** Opening Supplied records block **
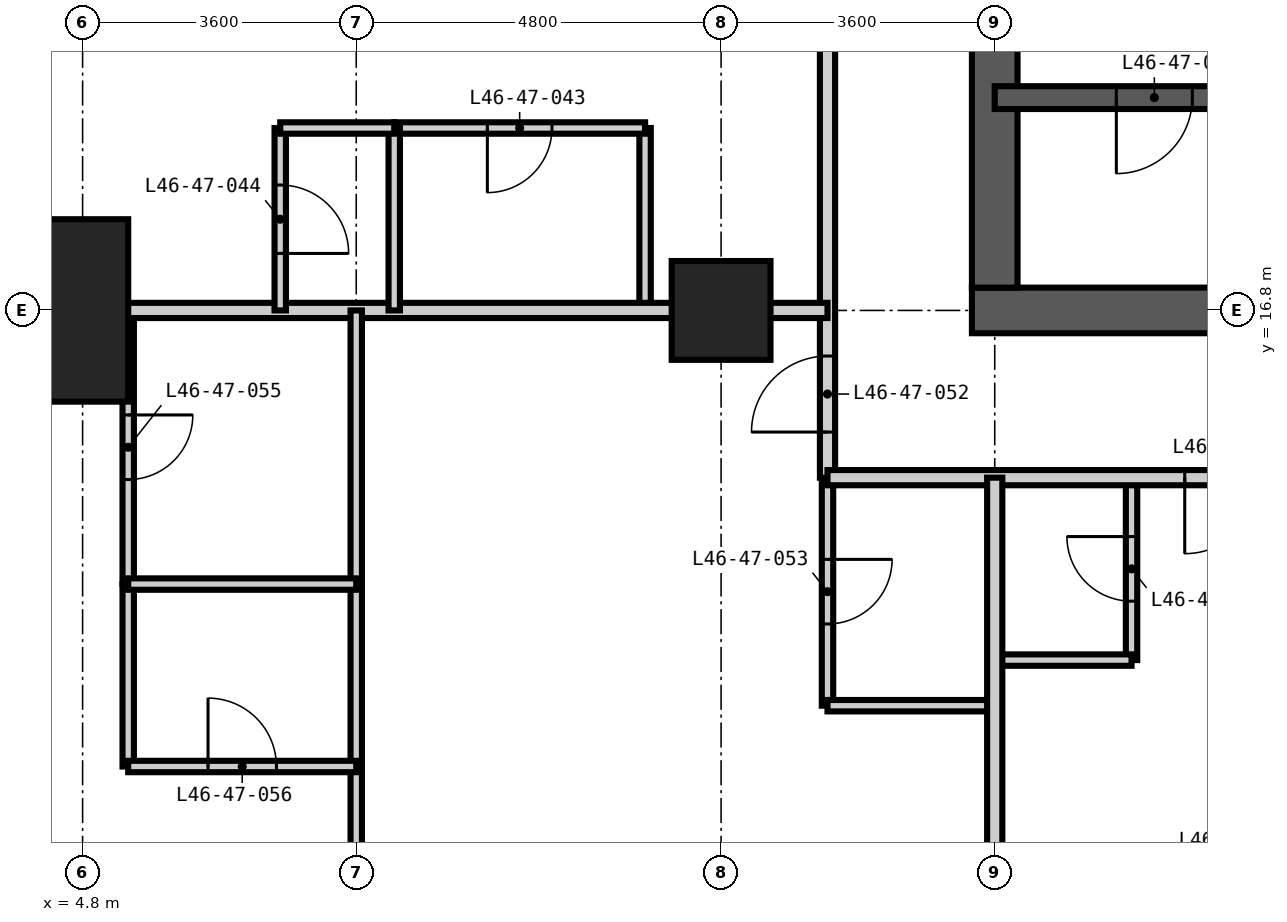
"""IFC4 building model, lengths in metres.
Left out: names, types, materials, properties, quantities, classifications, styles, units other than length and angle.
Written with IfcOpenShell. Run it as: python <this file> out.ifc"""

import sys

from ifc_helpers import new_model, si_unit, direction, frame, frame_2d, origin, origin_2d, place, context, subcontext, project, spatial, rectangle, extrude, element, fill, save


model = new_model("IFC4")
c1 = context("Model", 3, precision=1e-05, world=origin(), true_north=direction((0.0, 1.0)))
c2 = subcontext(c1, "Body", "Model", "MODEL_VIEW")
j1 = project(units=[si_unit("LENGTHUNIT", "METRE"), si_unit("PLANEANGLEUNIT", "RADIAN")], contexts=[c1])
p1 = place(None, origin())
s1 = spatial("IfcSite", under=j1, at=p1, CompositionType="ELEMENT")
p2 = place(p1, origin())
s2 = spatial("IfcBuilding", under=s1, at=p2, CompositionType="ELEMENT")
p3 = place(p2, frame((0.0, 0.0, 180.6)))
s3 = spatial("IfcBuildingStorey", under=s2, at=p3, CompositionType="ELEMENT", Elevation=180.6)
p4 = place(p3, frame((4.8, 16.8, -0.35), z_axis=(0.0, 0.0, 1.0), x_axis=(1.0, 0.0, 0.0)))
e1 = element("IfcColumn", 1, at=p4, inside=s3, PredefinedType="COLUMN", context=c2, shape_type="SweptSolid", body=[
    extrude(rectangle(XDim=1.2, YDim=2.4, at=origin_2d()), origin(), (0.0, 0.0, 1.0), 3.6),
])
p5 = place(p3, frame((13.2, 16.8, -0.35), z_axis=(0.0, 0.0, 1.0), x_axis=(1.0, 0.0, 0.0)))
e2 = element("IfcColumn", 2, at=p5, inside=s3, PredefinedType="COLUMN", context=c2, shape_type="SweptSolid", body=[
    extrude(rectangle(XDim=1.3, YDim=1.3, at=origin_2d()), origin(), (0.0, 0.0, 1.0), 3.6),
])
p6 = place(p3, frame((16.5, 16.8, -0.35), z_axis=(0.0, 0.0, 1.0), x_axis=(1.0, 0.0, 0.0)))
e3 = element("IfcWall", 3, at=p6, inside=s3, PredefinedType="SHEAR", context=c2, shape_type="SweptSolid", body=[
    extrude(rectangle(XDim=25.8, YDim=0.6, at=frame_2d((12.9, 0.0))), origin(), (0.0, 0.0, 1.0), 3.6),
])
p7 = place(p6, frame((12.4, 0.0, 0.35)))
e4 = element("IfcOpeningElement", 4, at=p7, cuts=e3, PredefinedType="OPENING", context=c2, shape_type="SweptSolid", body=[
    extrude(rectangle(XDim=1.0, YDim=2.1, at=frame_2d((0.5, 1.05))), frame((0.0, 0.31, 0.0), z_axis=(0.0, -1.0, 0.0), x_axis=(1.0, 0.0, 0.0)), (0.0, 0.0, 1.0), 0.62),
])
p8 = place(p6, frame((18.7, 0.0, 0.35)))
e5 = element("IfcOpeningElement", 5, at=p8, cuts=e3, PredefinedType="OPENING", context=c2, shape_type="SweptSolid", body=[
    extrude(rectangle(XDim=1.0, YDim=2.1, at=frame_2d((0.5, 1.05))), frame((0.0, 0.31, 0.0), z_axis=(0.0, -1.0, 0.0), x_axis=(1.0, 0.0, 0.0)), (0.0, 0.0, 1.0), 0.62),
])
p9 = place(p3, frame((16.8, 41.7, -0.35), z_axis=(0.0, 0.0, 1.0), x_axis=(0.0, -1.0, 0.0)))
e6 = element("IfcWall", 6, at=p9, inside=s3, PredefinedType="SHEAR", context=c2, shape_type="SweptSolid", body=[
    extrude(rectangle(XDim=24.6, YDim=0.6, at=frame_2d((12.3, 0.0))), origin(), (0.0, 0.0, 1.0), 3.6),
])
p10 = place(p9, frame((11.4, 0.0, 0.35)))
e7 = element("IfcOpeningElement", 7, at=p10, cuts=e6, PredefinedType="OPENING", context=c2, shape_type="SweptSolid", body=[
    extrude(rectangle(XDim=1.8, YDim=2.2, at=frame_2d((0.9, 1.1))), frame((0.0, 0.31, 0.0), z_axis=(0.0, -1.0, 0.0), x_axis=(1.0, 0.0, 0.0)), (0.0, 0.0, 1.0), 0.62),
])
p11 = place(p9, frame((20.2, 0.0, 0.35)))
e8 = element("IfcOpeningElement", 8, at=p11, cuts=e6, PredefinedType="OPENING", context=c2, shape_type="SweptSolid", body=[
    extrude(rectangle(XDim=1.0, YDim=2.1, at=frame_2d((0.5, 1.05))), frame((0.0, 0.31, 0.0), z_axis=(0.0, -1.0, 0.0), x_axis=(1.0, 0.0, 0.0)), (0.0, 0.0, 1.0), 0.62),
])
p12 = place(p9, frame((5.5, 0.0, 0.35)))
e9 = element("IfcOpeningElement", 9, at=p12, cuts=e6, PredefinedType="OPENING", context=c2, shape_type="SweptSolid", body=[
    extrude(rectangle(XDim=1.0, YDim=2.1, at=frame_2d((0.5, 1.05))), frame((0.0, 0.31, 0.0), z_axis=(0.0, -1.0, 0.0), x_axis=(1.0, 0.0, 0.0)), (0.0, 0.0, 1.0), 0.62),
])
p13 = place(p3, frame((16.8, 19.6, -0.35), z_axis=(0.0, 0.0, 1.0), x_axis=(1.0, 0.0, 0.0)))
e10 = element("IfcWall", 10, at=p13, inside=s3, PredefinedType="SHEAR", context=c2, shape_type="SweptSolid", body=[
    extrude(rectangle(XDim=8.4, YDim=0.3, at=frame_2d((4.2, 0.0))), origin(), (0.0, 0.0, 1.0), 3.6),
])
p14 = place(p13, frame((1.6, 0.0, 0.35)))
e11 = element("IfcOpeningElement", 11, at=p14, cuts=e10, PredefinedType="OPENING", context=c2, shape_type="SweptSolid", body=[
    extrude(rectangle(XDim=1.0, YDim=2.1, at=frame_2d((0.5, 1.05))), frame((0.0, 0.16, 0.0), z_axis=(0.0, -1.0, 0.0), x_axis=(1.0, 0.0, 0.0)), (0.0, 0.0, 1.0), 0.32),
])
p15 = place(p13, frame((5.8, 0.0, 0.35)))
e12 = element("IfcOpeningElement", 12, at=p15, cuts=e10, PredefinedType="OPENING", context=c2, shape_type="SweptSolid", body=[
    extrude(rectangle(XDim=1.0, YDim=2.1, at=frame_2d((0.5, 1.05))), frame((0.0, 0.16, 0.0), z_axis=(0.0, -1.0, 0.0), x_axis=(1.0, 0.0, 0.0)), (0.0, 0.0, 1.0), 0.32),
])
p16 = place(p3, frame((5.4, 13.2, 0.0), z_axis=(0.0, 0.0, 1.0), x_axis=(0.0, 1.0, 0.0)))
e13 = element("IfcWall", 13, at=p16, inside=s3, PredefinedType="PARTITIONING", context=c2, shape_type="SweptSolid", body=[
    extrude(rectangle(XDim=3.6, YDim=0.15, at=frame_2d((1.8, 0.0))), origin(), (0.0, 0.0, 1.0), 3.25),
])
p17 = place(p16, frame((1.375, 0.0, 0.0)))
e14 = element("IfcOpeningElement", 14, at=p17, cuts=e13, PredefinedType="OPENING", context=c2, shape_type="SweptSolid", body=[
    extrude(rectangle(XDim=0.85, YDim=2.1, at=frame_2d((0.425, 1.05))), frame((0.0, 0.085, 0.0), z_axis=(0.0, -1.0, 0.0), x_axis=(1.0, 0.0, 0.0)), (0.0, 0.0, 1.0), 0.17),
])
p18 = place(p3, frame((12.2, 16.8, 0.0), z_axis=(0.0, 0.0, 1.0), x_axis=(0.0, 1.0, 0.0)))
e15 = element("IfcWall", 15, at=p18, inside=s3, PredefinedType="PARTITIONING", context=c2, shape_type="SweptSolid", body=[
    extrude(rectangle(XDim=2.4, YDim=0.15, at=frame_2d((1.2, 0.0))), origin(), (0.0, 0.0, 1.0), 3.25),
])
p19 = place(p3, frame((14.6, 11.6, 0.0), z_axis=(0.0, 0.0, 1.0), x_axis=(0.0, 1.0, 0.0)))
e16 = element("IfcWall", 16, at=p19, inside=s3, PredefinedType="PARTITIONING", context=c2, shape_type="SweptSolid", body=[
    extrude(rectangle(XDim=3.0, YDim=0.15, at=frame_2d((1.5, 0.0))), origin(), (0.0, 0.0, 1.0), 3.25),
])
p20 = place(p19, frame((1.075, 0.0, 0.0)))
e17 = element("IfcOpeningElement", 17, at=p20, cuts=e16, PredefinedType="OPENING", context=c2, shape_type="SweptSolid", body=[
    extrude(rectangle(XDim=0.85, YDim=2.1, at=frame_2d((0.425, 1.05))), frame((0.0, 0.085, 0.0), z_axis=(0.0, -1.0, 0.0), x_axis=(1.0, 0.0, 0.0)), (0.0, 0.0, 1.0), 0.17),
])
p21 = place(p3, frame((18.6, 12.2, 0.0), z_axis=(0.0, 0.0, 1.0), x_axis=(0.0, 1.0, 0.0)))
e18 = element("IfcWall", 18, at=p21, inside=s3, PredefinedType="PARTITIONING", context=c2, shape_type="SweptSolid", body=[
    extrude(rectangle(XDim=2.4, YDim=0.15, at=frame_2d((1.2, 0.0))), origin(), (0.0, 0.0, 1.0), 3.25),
** Closing Supplied records block **
Working through the records above, copy each line in which "subcontext" is found.

Completed task:
from ifc_helpers import new_model, si_unit, direction, frame, frame_2d, origin, origin_2d, place, context, subcontext, project, spatial, rectangle, extrude, element, fill, save
c2 = subcontext(c1, "Body", "Model", "MODEL_VIEW")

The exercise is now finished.